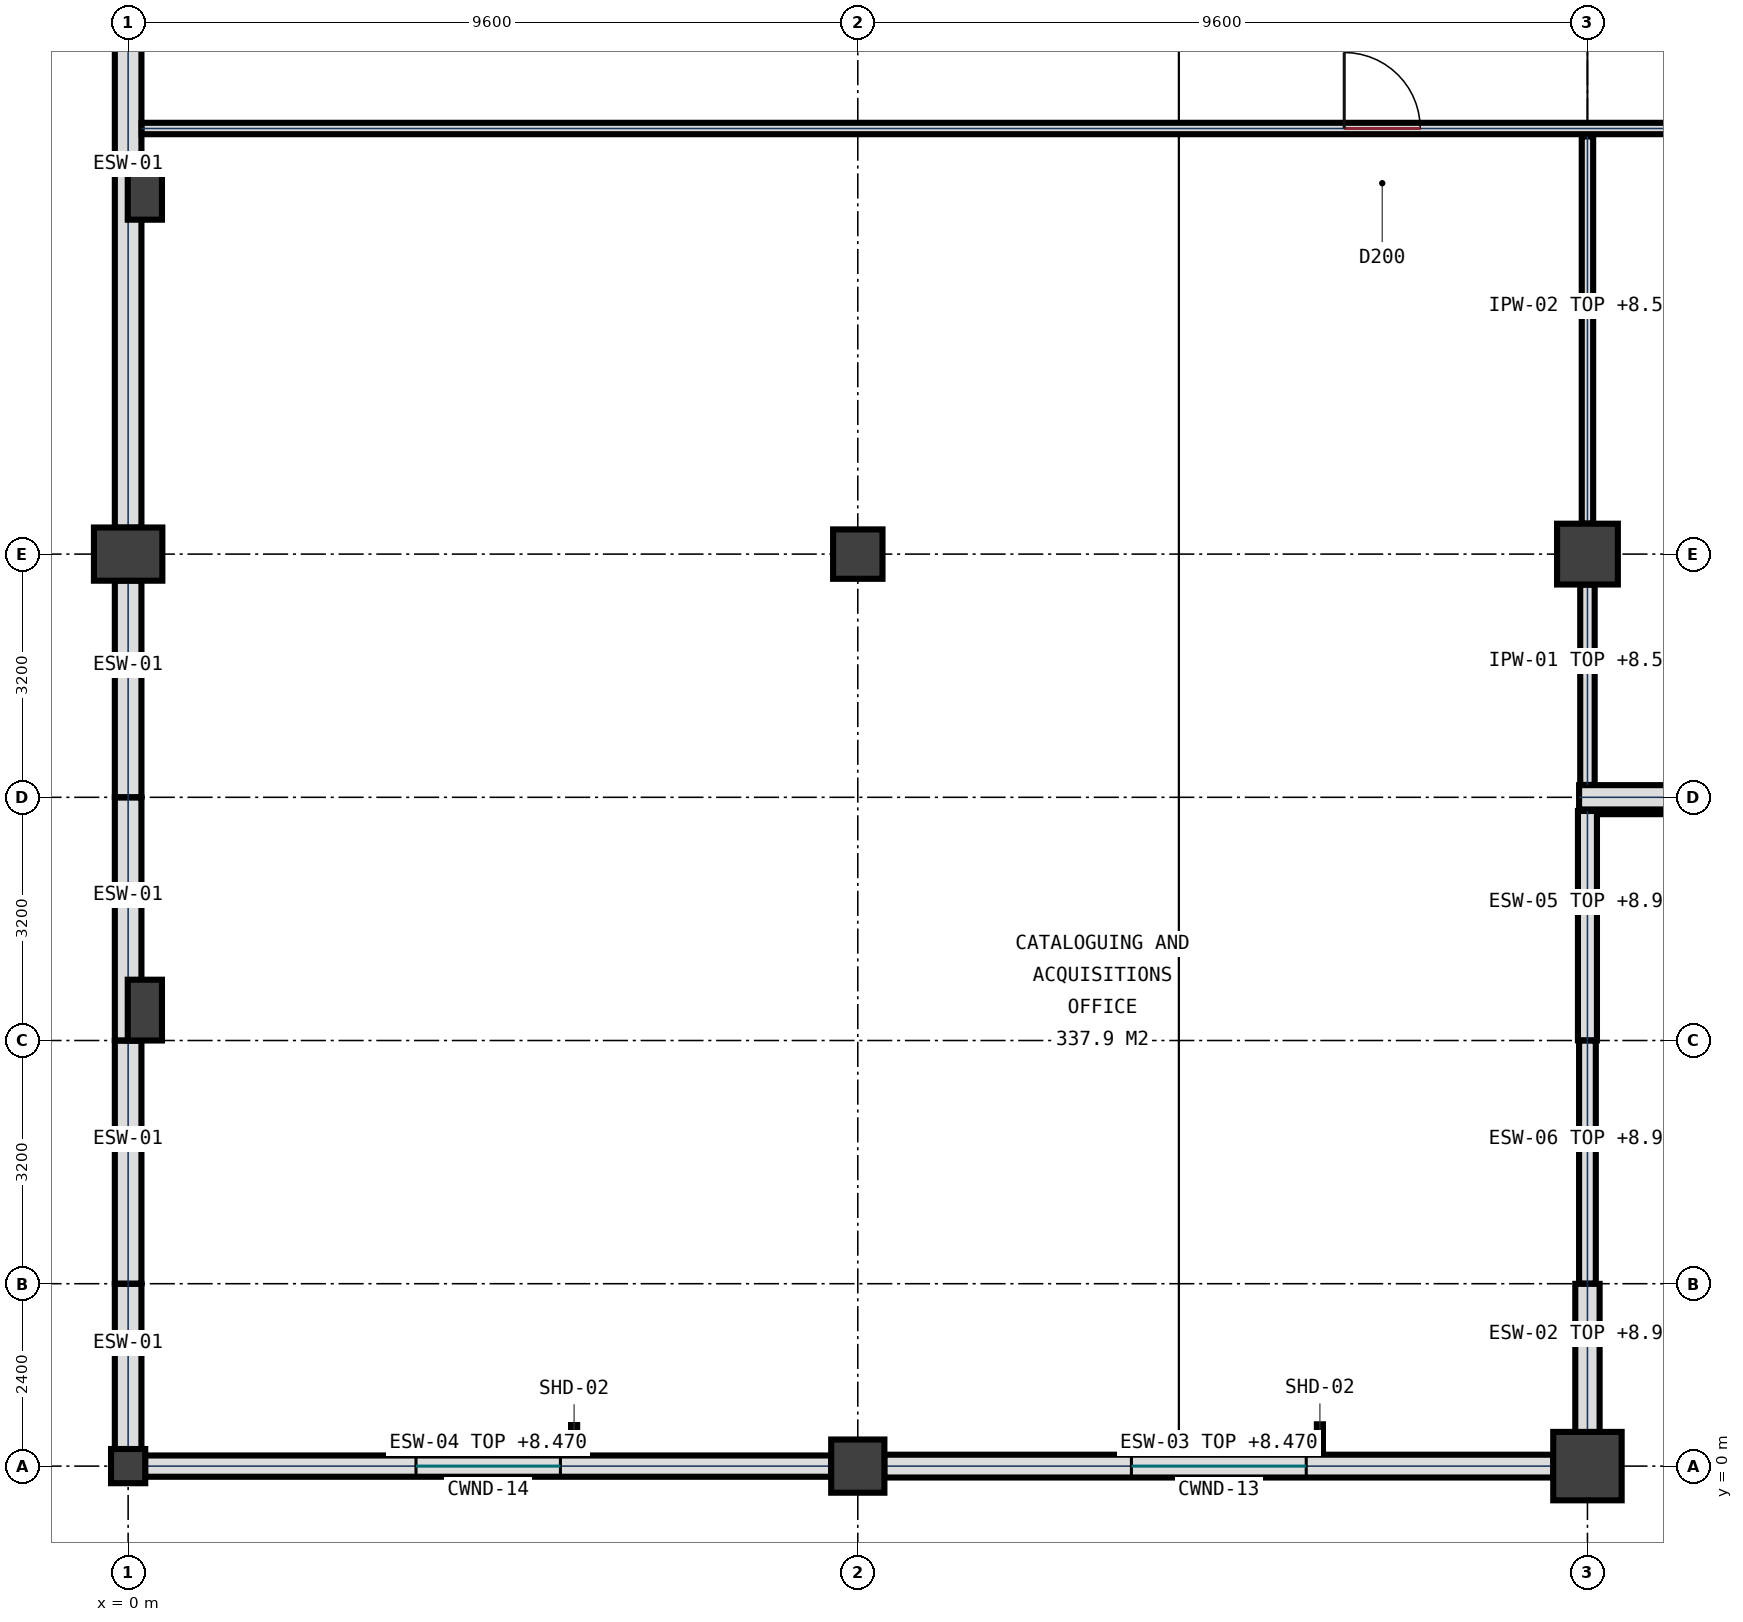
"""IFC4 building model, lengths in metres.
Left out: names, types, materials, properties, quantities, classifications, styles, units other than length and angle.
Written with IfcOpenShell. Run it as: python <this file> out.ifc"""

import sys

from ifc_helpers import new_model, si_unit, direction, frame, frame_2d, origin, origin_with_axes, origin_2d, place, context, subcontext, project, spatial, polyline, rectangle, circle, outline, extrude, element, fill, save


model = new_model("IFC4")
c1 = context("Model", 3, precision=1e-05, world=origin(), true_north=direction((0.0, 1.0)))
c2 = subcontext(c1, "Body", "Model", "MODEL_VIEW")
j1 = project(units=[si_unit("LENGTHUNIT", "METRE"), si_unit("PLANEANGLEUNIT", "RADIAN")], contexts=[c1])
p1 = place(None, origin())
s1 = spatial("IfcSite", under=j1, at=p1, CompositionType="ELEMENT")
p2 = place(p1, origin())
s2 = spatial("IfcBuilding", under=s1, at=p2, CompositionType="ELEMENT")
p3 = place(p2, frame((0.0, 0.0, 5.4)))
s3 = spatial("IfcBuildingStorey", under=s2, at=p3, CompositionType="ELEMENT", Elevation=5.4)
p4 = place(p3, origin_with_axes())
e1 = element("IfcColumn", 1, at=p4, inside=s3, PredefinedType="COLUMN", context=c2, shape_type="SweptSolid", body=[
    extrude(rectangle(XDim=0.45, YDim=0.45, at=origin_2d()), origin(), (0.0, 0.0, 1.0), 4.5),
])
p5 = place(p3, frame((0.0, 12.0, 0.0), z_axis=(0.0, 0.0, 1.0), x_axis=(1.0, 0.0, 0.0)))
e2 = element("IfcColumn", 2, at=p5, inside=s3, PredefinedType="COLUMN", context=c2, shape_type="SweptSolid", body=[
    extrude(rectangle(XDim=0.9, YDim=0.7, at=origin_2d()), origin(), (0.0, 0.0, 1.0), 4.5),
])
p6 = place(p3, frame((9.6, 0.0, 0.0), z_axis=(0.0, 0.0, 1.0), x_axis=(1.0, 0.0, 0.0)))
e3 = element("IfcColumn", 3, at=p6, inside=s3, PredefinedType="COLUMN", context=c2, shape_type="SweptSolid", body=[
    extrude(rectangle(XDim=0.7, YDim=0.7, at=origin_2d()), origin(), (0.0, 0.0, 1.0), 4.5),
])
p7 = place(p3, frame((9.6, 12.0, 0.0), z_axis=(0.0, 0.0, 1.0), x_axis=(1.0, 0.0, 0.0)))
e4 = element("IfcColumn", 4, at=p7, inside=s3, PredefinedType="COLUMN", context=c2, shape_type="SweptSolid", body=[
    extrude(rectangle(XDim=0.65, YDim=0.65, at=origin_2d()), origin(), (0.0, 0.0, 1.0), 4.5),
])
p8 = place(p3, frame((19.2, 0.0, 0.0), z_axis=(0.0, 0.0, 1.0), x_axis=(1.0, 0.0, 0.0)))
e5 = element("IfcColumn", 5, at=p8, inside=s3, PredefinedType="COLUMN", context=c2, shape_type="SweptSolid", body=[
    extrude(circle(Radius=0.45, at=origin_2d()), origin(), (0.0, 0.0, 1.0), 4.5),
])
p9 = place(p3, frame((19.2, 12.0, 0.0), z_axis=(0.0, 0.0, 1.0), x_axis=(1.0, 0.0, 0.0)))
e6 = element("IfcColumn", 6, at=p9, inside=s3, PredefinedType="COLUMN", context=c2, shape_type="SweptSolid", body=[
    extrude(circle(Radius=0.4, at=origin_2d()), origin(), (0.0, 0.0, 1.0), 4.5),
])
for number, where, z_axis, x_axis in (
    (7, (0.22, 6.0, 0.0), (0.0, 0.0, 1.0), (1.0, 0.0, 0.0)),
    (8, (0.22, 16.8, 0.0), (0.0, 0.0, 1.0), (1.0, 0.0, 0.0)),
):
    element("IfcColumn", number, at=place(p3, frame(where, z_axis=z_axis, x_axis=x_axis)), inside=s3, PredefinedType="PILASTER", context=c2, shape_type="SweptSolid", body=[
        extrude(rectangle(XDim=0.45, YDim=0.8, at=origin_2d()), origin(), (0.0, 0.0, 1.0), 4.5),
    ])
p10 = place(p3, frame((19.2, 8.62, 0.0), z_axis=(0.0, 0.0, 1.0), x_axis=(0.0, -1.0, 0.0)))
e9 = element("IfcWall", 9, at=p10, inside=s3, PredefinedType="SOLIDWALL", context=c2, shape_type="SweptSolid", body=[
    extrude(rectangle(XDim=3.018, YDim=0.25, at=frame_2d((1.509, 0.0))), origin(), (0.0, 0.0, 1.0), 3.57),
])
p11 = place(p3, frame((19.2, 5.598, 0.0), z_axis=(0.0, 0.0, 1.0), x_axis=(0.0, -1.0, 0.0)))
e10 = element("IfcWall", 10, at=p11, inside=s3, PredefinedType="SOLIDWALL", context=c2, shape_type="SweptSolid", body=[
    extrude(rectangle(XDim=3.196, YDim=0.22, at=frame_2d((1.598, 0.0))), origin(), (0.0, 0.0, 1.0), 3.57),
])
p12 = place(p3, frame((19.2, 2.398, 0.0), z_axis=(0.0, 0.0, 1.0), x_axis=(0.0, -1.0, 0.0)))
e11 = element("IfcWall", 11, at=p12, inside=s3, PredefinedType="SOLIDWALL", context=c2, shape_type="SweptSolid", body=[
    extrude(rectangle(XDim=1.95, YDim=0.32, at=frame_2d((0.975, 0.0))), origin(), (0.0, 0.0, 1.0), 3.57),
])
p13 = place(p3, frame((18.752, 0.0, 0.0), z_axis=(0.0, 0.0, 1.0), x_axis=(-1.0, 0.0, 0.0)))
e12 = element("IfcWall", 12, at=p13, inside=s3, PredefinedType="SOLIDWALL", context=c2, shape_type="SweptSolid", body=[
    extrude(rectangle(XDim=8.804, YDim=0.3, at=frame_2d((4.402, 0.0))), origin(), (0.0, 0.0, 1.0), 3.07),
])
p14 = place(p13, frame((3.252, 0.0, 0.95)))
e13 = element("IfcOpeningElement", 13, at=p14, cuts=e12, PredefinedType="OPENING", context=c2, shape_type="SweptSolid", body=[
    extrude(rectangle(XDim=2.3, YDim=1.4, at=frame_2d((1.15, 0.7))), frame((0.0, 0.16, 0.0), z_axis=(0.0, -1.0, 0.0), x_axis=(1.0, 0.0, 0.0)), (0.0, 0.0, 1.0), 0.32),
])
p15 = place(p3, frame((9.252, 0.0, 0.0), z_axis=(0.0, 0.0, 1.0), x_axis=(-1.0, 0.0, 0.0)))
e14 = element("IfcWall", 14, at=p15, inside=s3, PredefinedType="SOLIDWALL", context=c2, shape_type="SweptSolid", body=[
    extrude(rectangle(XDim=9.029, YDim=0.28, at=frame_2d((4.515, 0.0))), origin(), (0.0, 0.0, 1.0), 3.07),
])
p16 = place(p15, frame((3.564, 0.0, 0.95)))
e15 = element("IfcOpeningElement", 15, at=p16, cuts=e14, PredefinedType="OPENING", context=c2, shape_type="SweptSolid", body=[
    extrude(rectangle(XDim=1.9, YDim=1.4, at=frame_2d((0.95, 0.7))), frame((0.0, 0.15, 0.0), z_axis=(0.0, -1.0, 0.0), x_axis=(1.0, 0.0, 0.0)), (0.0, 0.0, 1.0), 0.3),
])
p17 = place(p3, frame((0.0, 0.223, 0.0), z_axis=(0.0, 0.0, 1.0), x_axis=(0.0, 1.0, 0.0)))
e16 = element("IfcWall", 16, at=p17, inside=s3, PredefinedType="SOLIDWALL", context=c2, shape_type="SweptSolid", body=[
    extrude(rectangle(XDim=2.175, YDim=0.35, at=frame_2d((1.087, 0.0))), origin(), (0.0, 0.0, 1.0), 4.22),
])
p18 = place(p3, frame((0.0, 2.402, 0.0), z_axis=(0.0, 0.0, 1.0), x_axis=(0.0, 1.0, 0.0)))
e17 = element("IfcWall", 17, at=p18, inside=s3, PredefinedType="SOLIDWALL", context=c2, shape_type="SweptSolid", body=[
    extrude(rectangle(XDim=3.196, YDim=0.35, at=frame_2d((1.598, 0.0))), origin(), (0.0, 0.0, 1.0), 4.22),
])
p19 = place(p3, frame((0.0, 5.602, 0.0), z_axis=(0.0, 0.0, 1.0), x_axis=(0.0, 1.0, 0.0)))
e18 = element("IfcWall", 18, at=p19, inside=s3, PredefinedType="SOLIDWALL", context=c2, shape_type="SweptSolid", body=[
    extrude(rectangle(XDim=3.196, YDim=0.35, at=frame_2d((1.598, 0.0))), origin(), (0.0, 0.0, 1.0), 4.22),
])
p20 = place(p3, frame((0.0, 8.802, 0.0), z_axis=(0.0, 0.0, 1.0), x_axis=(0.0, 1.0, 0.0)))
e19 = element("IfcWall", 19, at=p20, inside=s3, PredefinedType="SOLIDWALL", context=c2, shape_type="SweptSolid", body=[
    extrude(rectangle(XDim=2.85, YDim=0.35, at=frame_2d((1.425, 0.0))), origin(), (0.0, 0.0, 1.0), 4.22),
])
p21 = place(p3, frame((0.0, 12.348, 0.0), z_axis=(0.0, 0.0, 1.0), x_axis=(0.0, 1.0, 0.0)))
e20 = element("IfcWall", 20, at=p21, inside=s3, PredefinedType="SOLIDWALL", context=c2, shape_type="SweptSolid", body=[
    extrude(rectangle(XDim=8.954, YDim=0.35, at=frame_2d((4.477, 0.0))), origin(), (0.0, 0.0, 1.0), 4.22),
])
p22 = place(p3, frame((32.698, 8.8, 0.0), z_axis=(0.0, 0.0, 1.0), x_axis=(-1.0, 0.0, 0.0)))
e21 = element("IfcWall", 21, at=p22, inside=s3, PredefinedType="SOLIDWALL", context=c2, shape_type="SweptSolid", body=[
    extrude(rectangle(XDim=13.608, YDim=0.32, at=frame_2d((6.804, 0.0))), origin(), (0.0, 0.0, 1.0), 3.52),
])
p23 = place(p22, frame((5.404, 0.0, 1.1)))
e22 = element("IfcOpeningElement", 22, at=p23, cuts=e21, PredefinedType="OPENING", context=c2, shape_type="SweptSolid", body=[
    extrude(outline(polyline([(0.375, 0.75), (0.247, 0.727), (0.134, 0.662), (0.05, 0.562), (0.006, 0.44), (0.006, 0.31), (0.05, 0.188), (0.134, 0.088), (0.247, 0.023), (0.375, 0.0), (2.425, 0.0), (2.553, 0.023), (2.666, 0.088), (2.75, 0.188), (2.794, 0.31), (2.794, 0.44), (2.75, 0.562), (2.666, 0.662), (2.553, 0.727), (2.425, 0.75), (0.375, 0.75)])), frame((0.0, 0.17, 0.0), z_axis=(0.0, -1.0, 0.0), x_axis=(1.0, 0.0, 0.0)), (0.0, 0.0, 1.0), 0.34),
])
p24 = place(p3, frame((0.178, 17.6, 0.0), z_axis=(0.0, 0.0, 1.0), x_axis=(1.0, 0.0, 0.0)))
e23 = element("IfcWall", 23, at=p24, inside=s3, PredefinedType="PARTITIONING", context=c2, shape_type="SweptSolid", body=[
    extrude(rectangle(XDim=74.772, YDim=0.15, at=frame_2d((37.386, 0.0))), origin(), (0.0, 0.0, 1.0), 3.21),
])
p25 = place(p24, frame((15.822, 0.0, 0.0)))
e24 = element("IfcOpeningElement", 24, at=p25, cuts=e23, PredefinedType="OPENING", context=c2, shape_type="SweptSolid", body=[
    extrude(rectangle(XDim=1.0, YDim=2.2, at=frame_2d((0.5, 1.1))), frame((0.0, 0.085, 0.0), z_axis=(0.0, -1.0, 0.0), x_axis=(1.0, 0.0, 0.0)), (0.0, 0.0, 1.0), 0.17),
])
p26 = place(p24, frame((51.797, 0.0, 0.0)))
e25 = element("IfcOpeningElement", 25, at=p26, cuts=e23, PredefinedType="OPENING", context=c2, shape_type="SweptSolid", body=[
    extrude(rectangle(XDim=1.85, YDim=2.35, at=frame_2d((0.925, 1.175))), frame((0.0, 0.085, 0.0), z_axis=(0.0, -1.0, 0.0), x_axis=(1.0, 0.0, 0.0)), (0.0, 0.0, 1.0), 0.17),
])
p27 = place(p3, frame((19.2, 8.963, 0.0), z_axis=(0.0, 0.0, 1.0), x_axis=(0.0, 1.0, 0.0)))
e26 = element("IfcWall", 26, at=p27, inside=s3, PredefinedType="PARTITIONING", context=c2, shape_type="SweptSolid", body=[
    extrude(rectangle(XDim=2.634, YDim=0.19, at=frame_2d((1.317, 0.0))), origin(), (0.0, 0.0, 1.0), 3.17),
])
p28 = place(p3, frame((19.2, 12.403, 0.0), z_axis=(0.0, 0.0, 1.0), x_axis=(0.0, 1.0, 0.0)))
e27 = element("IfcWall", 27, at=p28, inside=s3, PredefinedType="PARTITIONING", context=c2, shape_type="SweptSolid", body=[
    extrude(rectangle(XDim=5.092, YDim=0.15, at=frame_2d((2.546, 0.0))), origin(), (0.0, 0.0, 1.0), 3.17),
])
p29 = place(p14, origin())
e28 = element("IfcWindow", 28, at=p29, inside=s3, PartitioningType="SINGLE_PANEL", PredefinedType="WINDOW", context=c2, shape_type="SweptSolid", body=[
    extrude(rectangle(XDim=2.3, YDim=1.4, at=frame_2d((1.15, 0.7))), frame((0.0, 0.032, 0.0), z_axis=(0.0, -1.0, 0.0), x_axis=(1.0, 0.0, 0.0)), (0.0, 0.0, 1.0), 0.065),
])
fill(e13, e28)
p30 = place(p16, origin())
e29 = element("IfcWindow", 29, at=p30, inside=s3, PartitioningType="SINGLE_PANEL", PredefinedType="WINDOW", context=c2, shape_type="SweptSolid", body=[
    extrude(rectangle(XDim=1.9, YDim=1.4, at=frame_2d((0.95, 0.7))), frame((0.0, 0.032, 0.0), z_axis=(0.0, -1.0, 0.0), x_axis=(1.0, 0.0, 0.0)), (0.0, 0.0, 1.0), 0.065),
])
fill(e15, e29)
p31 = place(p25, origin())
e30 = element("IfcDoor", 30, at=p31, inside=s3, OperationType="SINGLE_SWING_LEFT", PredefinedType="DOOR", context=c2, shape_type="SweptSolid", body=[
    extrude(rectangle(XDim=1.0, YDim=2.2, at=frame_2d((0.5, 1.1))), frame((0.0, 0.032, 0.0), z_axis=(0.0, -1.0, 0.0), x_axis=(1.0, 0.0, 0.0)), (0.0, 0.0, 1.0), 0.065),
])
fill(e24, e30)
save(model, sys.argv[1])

━━━━━━━━━━━━━━━━

» **WHAT YOU SHOULD DO**
From the listing above, pick out every line containing "import".

» **EXPECTED ANSWER**
import sys
from ifc_helpers import new_model, si_unit, direction, frame, frame_2d, origin, origin_with_axes, origin_2d, place, context, subcontext, project, spatial, polyline, rectangle, circle, outline, extrude, element, fill, save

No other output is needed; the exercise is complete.